▸ **Task objective**: Each line of the data that mentions the string "where" needs to be identified and copied.

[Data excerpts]
────────────────────

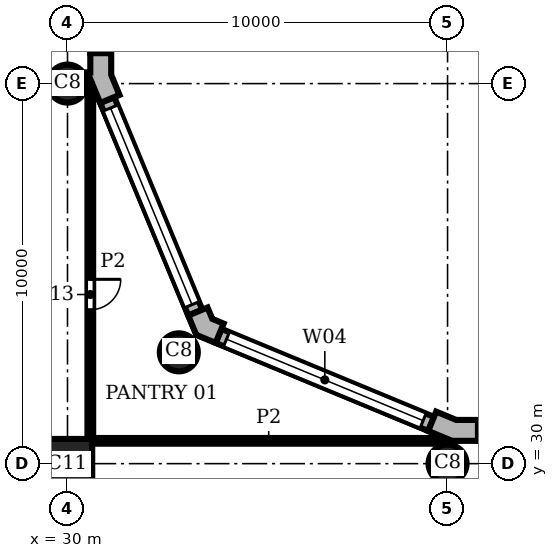
"""IFC4 building model, lengths in metres.
Left out: names, types, materials, properties, quantities, classifications, styles, units other than length and angle.
Written with IfcOpenShell. Run it as: python <this file> out.ifc"""

import sys

from ifc_helpers import new_model, si_unit, direction, frame, frame_2d, origin, origin_2d, place, context, subcontext, project, spatial, polyline, rectangle, circle, outline, extrude, element, fill, save


model = new_model("IFC4")
c1 = context("Model", 3, precision=1e-05, world=origin(), true_north=direction((0.0, 1.0)))
c2 = subcontext(c1, "Body", "Model", "MODEL_VIEW")
j1 = project(units=[si_unit("LENGTHUNIT", "METRE"), si_unit("PLANEANGLEUNIT", "RADIAN")], contexts=[c1])
p1 = place(None, origin())
s1 = spatial("IfcSite", under=j1, at=p1, CompositionType="ELEMENT")
p2 = place(p1, origin())
s2 = spatial("IfcBuilding", under=s1, at=p2, CompositionType="ELEMENT")
p3 = place(p2, frame((0.0, 0.0, 170.7)))
s3 = spatial("IfcBuildingStorey", under=s2, at=p3, CompositionType="ELEMENT", Elevation=170.7)
for number, where, z_axis, x_axis in (
    (1, (40.0, 30.0, 0.0), (0.0, 0.0, 1.0), (1.0, 0.0, 0.0)),
    (2, (32.929, 32.929, 0.0), (0.0, 0.0, 1.0), (1.0, 0.0, 0.0)),
    (3, (30.0, 40.0, 0.0), (0.0, 0.0, 1.0), (1.0, 0.0, 0.0)),
):
    element("IfcColumn", number, at=place(p3, frame(where, z_axis=z_axis, x_axis=x_axis)), inside=s3, PredefinedType="COLUMN", context=c2, shape_type="SweptSolid", body=[
        extrude(circle(Radius=0.5, at=origin_2d()), origin(), (0.0, 0.0, 1.0), 3.9),
    ])
p4 = place(p3, frame((30.0, 30.0, 0.0), z_axis=(0.0, 0.0, 1.0), x_axis=(1.0, 0.0, 0.0)))
e4 = element("IfcColumn", 4, at=p4, inside=s3, PredefinedType="COLUMN", context=c2, shape_type="SweptSolid", body=[
    extrude(rectangle(XDim=1.3, YDim=1.3, at=origin_2d()), origin(), (0.0, 0.0, 1.0), 3.9),
])
p5 = place(p3, origin())
e5 = element("IfcWall", 5, at=p5, inside=s3, PredefinedType="SOLIDWALL", context=c2, shape_type="SweptSolid", body=[
    extrude(outline(polyline([(40.8, 31.0), (40.8, 31.15), (40.229, 31.15), (39.701, 31.369), (39.644, 31.23), (39.49, 30.861), (40.119, 30.6), (40.8, 30.6), (40.8, 31.0)])), origin(), (0.0, 0.0, 1.0), 3.9),
])
e6 = element("IfcWall", 6, at=p5, inside=s3, PredefinedType="SOLIDWALL", context=c2, shape_type="SweptSolid", body=[
    extrude(outline(polyline([(34.051, 33.547), (34.108, 33.685), (33.809, 33.809), (33.685, 34.108), (33.547, 34.051), (33.177, 33.898), (33.388, 33.388), (33.898, 33.177), (34.051, 33.547)])), origin(), (0.0, 0.0, 1.0), 3.9),
])
e7 = element("IfcWall", 7, at=p5, inside=s3, PredefinedType="SOLIDWALL", context=c2, shape_type="SweptSolid", body=[
    extrude(outline(polyline([(30.62, 39.995), (30.62, 40.071), (30.861, 39.49), (31.23, 39.644), (31.369, 39.701), (31.15, 40.229), (31.15, 40.8), (31.0, 40.8), (30.6, 40.8), (30.6, 40.295), (30.5, 40.295), (30.5, 39.995), (30.62, 39.995)])), origin(), (0.0, 0.0, 1.0), 3.9),
])
p6 = place(p3, frame((59.2, 30.8, 0.0), z_axis=(0.0, 0.0, 1.0), x_axis=(-1.0, 0.0, 0.0)))
e8 = element("IfcWall", 8, at=p6, inside=s3, PredefinedType="SOLIDWALL", context=c2, shape_type="SweptSolid", body=[
    extrude(rectangle(XDim=18.4, YDim=0.4, at=frame_2d((9.2, 0.0))), origin(), (0.0, 0.0, 1.0), 3.9),
])
p7 = place(p6, frame((0.2, 0.0, 0.9)))
e9 = element("IfcOpeningElement", 9, at=p7, cuts=e8, PredefinedType="OPENING", context=c2, shape_type="SweptSolid", body=[
    extrude(rectangle(XDim=8.0, YDim=2.35, at=frame_2d((4.0, 1.175))), frame((0.0, 0.21, 0.0), z_axis=(0.0, -1.0, 0.0), x_axis=(1.0, 0.0, 0.0)), (0.0, 0.0, 1.0), 0.42),
])
p8 = place(p6, frame((10.2, 0.0, 0.9)))
e10 = element("IfcOpeningElement", 10, at=p8, cuts=e8, PredefinedType="OPENING", context=c2, shape_type="SweptSolid", body=[
    extrude(rectangle(XDim=8.0, YDim=2.35, at=frame_2d((4.0, 1.175))), frame((0.0, 0.21, 0.0), z_axis=(0.0, -1.0, 0.0), x_axis=(1.0, 0.0, 0.0)), (0.0, 0.0, 1.0), 0.42),
])
p9 = place(p3, frame((39.567, 31.045, 0.0), z_axis=(0.0, 0.0, 1.0), x_axis=(-0.923891000409, 0.382655745237, 0.0)))
e11 = element("IfcWall", 11, at=p9, inside=s3, PredefinedType="SOLIDWALL", context=c2, shape_type="SweptSolid", body=[
    extrude(rectangle(XDim=6.053, YDim=0.4, at=frame_2d((3.027, 0.0))), origin(), (0.0, 0.0, 1.0), 3.9),
])
p10 = place(p9, frame((0.227, 0.0, 0.9)))
e12 = element("IfcOpeningElement", 12, at=p10, cuts=e11, PredefinedType="OPENING", context=c2, shape_type="SweptSolid", body=[
    extrude(rectangle(XDim=5.6, YDim=2.35, at=frame_2d((2.8, 1.175))), frame((0.0, 0.21, 0.0), z_axis=(0.0, -1.0, 0.0), x_axis=(1.0, 0.0, 0.0)), (0.0, 0.0, 1.0), 0.42),
])
p11 = place(p3, frame((33.362, 33.974, 0.0), z_axis=(0.0, 0.0, 1.0), x_axis=(-0.382655745237, 0.923891000409, 0.0)))
e13 = element("IfcWall", 13, at=p11, inside=s3, PredefinedType="SOLIDWALL", context=c2, shape_type="SweptSolid", body=[
    extrude(rectangle(XDim=6.053, YDim=0.4, at=frame_2d((3.027, 0.0))), origin(), (0.0, 0.0, 1.0), 3.9),
])
p12 = place(p11, frame((0.227, 0.0, 0.9)))
e14 = element("IfcOpeningElement", 14, at=p12, cuts=e13, PredefinedType="OPENING", context=c2, shape_type="SweptSolid", body=[
    extrude(rectangle(XDim=5.6, YDim=2.35, at=frame_2d((2.8, 1.175))), frame((0.0, 0.21, 0.0), z_axis=(0.0, -1.0, 0.0), x_axis=(1.0, 0.0, 0.0)), (0.0, 0.0, 1.0), 0.42),
])
p13 = place(p3, frame((30.8, 40.8, 0.0), z_axis=(0.0, 0.0, 1.0), x_axis=(0.0, 1.0, 0.0)))
e15 = element("IfcWall", 15, at=p13, inside=s3, PredefinedType="SOLIDWALL", context=c2, shape_type="SweptSolid", body=[
    extrude(rectangle(XDim=18.4, YDim=0.4, at=frame_2d((9.2, 0.0))), origin(), (0.0, 0.0, 1.0), 3.9),
])
p14 = place(p13, frame((0.2, 0.0, 0.9)))
e16 = element("IfcOpeningElement", 16, at=p14, cuts=e15, PredefinedType="OPENING", context=c2, shape_type="SweptSolid", body=[
    extrude(rectangle(XDim=8.0, YDim=2.35, at=frame_2d((4.0, 1.175))), frame((0.0, 0.21, 0.0), z_axis=(0.0, -1.0, 0.0), x_axis=(1.0, 0.0, 0.0)), (0.0, 0.0, 1.0), 0.42),
])
p15 = place(p13, frame((10.2, 0.0, 0.9)))
e17 = element("IfcOpeningElement", 17, at=p15, cuts=e15, PredefinedType="OPENING", context=c2, shape_type="SweptSolid", body=[
    extrude(rectangle(XDim=8.0, YDim=2.35, at=frame_2d((4.0, 1.175))), frame((0.0, 0.21, 0.0), z_axis=(0.0, -1.0, 0.0), x_axis=(1.0, 0.0, 0.0)), (0.0, 0.0, 1.0), 0.42),
])
p16 = place(p3, frame((30.6, 30.65, 0.0), z_axis=(0.0, 0.0, 1.0), x_axis=(0.0, 1.0, 0.0)))
e18 = element("IfcWall", 18, at=p16, inside=s3, PredefinedType="PARTITIONING", context=c2, shape_type="SweptSolid", body=[
    extrude(rectangle(XDim=9.288, YDim=0.15, at=frame_2d((4.644, 0.0))), origin(), (0.0, 0.0, 1.0), 3.58),
])
p17 = place(p16, frame((3.4, 0.0, 0.0)))
e19 = element("IfcOpeningElement", 19, at=p17, cuts=e18, PredefinedType="OPENING", context=c2, shape_type="SweptSolid", body=[
    extrude(rectangle(XDim=0.8, YDim=2.1, at=frame_2d((0.4, 1.05))), frame((0.0, 0.085, 0.0), z_axis=(0.0, -1.0, 0.0), x_axis=(1.0, 0.0, 0.0)), (0.0, 0.0, 1.0), 0.17),
])
p18 = place(p3, frame((30.65, 30.6, 0.0), z_axis=(0.0, 0.0, 1.0), x_axis=(1.0, 0.0, 0.0)))
e20 = element("IfcWall", 20, at=p18, inside=s3, PredefinedType="PARTITIONING", context=c2, shape_type="SweptSolid", body=[
    extrude(rectangle(XDim=9.288, YDim=0.15, at=frame_2d((4.644, 0.0))), origin(), (0.0, 0.0, 1.0), 3.58),
])
p19 = place(p10, origin())
e21 = element("IfcWindow", 21, at=p19, inside=s3, PartitioningType="SINGLE_PANEL", PredefinedType="WINDOW", context=c2, shape_type="SweptSolid", body=[
    extrude(rectangle(XDim=5.6, YDim=2.35, at=frame_2d((2.8, 1.175))), frame((0.0, 0.16, 0.0), z_axis=(0.0, -1.0, 0.0), x_axis=(1.0, 0.0, 0.0)), (0.0, 0.0, 1.0), 0.06),
])
fill(e12, e21)
p20 = place(p12, origin())
e22 = element("IfcWindow", 22, at=p20, inside=s3, PartitioningType="SINGLE_PANEL", PredefinedType="WINDOW", context=c2, shape_type="SweptSolid", body=[
    extrude(rectangle(XDim=5.6, YDim=2.35, at=frame_2d((2.8, 1.175))), frame((0.0, 0.16, 0.0), z_axis=(0.0, -1.0, 0.0), x_axis=(1.0, 0.0, 0.0)), (0.0, 0.0, 1.0), 0.06),
])
fill(e14, e22)
p21 = place(p17, frame((0.8, 0.0, 0.0), z_axis=(0.0, 0.0, 1.0), x_axis=(-1.0, 0.0, 0.0)))
e23 = element("IfcDoor", 23, at=p21, inside=s3, OperationType="SINGLE_SWING_LEFT", PredefinedType="DOOR", context=c2, shape_type="SweptSolid", body=[
    extrude(rectangle(XDim=0.8, YDim=2.1, at=frame_2d((0.4, 1.05))), frame((0.0, 0.025, 0.0), z_axis=(0.0, -1.0, 0.0), x_axis=(1.0, 0.0, 0.0)), (0.0, 0.0, 1.0), 0.05),
])
fill(e19, e23)
save(model, sys.argv[1])

────────────────────

▸ **Written reply**:
for number, where, z_axis, x_axis in (
    element("IfcColumn", number, at=place(p3, frame(where, z_axis=z_axis, x_axis=x_axis)), inside=s3, PredefinedType="COLUMN", context=c2, shape_type="SweptSolid", body=[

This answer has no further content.